> **TRY IT**: Copy each line below containing "DOOR".

▬▬▬

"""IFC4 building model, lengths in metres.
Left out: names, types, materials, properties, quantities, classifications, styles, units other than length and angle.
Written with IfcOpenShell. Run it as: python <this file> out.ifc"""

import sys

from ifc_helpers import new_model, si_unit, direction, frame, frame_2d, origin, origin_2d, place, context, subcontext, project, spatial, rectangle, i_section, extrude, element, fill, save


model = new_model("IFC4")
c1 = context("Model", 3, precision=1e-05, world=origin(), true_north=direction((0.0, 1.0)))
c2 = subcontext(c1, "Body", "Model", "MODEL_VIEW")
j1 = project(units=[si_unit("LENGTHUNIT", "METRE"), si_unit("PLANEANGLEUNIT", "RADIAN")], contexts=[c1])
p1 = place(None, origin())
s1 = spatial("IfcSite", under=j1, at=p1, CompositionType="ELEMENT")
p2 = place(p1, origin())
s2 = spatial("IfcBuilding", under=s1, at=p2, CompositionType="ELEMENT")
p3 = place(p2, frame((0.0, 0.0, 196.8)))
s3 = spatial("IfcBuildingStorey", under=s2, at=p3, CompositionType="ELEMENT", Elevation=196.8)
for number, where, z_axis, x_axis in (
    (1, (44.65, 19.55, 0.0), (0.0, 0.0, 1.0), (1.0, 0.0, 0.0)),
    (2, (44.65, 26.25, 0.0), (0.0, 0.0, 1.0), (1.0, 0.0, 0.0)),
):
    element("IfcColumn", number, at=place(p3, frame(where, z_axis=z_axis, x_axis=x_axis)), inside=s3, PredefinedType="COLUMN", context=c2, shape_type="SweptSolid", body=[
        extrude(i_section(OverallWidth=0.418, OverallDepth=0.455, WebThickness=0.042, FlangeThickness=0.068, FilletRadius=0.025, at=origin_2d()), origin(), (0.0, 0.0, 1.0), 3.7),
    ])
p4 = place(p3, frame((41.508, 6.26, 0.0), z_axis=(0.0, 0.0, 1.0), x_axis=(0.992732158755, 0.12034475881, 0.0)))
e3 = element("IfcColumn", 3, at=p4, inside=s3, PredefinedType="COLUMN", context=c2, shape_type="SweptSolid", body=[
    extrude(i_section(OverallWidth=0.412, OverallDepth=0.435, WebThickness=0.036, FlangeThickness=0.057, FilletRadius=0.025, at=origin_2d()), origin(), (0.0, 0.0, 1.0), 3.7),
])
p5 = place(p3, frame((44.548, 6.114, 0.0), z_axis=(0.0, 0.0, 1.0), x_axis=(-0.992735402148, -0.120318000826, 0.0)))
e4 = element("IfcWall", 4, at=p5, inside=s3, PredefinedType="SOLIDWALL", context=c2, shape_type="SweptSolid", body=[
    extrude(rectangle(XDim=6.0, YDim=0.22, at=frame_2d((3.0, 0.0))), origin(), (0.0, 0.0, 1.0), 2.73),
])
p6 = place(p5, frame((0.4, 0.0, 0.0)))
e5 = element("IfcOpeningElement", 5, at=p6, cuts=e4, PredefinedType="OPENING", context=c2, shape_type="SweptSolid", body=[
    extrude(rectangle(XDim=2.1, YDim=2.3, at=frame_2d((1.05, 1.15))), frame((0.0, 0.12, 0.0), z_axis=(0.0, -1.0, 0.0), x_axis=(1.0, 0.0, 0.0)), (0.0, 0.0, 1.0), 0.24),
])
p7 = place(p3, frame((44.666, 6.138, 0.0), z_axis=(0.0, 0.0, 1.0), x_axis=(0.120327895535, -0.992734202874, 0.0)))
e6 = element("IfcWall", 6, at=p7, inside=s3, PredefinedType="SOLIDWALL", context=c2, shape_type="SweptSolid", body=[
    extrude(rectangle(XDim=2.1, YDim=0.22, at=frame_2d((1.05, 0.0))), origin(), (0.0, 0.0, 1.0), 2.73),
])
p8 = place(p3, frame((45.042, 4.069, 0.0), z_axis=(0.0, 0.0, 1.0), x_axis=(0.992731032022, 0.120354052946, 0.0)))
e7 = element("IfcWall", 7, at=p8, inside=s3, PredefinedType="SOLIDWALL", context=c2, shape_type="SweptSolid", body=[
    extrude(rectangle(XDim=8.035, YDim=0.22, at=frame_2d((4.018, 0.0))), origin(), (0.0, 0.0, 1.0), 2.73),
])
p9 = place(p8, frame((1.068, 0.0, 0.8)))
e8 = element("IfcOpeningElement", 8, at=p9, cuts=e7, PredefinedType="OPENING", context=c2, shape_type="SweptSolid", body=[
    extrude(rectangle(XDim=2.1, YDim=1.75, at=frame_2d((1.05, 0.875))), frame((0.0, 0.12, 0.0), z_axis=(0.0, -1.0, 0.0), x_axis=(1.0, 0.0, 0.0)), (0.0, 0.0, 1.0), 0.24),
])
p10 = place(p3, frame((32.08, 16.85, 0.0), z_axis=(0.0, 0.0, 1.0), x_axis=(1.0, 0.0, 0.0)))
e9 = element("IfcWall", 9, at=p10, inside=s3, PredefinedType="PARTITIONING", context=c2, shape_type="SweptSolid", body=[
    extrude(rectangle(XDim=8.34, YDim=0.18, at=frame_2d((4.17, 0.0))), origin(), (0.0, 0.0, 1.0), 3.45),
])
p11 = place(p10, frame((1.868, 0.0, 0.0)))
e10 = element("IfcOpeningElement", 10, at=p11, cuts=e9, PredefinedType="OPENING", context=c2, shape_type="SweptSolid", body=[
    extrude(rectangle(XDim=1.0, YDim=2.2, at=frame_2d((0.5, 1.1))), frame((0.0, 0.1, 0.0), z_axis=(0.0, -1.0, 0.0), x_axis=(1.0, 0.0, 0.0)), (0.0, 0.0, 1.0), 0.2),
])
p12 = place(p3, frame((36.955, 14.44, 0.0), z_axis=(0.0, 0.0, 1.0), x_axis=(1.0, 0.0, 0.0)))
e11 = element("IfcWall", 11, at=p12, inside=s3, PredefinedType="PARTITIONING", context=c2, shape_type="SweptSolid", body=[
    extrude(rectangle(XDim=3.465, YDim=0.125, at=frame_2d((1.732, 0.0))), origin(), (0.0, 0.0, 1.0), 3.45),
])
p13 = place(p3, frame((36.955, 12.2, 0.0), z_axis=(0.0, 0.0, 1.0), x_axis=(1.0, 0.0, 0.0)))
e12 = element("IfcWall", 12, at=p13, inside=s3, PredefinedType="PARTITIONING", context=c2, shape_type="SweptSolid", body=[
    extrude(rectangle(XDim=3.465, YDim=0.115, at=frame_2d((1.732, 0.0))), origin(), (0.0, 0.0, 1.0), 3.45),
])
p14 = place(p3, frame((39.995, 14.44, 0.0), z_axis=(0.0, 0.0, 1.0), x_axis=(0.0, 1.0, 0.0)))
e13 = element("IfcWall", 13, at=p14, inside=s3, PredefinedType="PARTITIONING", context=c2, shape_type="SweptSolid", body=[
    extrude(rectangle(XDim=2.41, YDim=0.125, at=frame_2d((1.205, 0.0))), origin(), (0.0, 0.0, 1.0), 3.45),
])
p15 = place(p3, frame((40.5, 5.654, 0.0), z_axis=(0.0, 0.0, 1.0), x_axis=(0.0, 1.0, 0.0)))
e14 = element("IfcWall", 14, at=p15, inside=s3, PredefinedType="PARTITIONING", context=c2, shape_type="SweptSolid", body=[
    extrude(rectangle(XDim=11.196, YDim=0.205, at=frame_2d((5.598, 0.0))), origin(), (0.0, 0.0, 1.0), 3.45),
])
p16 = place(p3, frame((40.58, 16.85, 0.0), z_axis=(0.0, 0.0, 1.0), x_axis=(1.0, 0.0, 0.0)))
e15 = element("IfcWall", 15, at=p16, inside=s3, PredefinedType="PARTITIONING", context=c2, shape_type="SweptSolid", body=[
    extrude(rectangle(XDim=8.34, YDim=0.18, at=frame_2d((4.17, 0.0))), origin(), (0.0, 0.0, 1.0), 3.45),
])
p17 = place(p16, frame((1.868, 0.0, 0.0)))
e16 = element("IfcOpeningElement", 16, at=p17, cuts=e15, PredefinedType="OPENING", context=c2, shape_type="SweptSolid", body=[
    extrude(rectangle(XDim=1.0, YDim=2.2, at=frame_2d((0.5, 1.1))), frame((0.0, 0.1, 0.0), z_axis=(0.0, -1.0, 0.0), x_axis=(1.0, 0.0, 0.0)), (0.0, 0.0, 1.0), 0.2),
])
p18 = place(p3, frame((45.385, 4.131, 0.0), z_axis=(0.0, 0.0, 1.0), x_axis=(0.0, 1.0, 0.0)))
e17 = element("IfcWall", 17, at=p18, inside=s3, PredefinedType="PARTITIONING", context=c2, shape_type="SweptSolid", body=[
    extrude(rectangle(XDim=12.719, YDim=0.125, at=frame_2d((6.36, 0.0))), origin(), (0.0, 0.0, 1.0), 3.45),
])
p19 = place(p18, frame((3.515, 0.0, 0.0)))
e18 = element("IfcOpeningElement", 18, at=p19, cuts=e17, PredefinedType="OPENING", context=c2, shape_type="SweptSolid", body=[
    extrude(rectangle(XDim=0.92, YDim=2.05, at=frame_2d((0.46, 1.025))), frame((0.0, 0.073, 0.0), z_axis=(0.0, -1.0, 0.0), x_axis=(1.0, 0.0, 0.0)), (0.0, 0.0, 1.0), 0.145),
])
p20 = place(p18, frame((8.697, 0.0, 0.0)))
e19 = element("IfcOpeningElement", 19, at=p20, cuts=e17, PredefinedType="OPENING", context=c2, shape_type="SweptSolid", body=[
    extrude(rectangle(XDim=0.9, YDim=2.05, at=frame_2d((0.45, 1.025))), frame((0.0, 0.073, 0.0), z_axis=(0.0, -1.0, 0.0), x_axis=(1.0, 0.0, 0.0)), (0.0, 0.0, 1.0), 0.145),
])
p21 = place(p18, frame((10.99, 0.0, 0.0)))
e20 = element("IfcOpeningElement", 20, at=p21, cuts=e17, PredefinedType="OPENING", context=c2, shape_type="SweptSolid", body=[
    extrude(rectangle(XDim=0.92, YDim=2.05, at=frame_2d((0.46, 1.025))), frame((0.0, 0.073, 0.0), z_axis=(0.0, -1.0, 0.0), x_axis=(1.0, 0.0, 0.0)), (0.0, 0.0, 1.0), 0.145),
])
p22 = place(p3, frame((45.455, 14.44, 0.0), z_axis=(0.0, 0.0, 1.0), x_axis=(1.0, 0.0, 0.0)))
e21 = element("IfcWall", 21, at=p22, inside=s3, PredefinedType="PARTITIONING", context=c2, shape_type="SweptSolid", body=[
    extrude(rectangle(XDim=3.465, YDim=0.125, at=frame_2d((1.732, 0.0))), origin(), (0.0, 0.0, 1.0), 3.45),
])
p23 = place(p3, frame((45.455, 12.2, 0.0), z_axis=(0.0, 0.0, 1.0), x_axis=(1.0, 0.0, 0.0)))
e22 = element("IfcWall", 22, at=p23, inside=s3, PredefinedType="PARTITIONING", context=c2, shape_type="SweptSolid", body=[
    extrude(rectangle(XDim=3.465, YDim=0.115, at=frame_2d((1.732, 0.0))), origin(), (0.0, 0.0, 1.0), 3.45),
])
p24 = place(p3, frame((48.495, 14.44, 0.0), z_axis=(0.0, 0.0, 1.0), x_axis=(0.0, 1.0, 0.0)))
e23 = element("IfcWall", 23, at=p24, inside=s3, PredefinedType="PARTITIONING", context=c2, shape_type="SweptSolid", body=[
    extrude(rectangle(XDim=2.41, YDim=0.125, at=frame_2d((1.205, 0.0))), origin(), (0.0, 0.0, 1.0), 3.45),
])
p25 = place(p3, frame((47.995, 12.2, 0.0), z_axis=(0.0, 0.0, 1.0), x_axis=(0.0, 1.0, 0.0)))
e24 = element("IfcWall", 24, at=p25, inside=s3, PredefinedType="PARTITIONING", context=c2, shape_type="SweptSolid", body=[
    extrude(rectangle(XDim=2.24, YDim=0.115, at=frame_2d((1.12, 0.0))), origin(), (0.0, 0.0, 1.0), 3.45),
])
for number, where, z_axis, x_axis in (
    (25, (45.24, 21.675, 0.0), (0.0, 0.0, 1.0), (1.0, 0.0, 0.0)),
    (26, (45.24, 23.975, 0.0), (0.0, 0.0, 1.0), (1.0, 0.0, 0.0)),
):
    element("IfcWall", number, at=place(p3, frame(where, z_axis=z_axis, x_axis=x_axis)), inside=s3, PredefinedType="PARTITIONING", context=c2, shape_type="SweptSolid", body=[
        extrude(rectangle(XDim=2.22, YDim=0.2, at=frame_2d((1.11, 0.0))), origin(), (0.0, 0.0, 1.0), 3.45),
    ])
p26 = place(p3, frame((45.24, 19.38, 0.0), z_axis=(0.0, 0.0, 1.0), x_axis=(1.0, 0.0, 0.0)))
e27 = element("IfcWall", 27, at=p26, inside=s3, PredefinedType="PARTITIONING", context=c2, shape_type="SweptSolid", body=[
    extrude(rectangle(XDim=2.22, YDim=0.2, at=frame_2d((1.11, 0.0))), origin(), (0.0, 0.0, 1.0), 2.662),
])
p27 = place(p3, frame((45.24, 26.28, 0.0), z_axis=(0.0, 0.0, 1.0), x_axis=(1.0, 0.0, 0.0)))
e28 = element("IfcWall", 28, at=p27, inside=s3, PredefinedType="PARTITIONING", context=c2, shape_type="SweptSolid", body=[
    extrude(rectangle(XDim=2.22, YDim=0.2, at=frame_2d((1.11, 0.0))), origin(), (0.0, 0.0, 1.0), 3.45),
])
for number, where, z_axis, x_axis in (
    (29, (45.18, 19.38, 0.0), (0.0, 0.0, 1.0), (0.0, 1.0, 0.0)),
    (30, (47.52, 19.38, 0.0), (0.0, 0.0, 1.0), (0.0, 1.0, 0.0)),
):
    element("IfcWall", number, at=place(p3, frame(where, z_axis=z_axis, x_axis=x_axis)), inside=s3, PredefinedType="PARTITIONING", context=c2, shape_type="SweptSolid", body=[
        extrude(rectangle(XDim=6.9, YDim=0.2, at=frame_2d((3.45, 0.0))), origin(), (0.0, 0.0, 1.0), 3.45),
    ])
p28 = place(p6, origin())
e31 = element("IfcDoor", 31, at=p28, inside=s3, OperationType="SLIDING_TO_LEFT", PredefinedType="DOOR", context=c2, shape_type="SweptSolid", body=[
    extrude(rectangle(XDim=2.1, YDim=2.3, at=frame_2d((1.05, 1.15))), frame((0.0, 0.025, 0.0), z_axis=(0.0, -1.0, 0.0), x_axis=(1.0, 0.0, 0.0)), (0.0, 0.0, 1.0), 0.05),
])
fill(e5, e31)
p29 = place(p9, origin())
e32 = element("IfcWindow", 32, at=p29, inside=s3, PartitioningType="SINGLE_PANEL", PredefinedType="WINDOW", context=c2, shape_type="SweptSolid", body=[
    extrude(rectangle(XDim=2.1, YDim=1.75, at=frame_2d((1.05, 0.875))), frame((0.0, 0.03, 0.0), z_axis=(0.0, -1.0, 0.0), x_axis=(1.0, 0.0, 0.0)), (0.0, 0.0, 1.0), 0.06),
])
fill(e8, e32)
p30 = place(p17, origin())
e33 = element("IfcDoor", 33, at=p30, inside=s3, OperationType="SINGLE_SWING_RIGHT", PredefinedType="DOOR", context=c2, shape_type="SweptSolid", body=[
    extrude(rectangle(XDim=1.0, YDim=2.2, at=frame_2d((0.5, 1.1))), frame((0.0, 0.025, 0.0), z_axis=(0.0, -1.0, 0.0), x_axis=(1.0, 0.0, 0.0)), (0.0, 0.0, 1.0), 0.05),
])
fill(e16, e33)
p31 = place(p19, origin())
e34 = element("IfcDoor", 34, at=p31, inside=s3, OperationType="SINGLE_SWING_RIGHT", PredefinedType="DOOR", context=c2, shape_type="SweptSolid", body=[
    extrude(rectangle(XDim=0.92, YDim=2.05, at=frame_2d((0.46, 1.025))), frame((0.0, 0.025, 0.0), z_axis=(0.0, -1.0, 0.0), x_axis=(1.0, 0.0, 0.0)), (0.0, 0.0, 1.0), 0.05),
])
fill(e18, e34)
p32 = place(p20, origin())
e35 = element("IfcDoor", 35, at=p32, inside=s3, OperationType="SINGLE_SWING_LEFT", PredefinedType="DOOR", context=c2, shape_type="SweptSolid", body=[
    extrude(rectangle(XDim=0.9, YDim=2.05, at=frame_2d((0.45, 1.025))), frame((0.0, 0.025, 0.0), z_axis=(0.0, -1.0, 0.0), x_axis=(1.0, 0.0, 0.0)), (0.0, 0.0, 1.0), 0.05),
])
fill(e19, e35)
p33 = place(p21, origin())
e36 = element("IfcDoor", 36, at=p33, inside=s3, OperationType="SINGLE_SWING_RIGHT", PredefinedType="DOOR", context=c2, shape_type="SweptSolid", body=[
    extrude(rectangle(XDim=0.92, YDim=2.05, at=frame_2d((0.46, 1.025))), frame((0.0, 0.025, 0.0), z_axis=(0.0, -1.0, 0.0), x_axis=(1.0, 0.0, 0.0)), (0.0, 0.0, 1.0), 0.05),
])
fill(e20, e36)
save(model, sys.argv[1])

▬▬▬

> **TASK RESULT**:
e31 = element("IfcDoor", 31, at=p28, inside=s3, OperationType="SLIDING_TO_LEFT", PredefinedType="DOOR", context=c2, shape_type="SweptSolid", body=[
e33 = element("IfcDoor", 33, at=p30, inside=s3, OperationType="SINGLE_SWING_RIGHT", PredefinedType="DOOR", context=c2, shape_type="SweptSolid", body=[
e34 = element("IfcDoor", 34, at=p31, inside=s3, OperationType="SINGLE_SWING_RIGHT", PredefinedType="DOOR", context=c2, shape_type="SweptSolid", body=[
e35 = element("IfcDoor", 35, at=p32, inside=s3, OperationType="SINGLE_SWING_LEFT", PredefinedType="DOOR", context=c2, shape_type="SweptSolid", body=[
e36 = element("IfcDoor", 36, at=p33, inside=s3, OperationType="SINGLE_SWING_RIGHT", PredefinedType="DOOR", context=c2, shape_type="SweptSolid", body=[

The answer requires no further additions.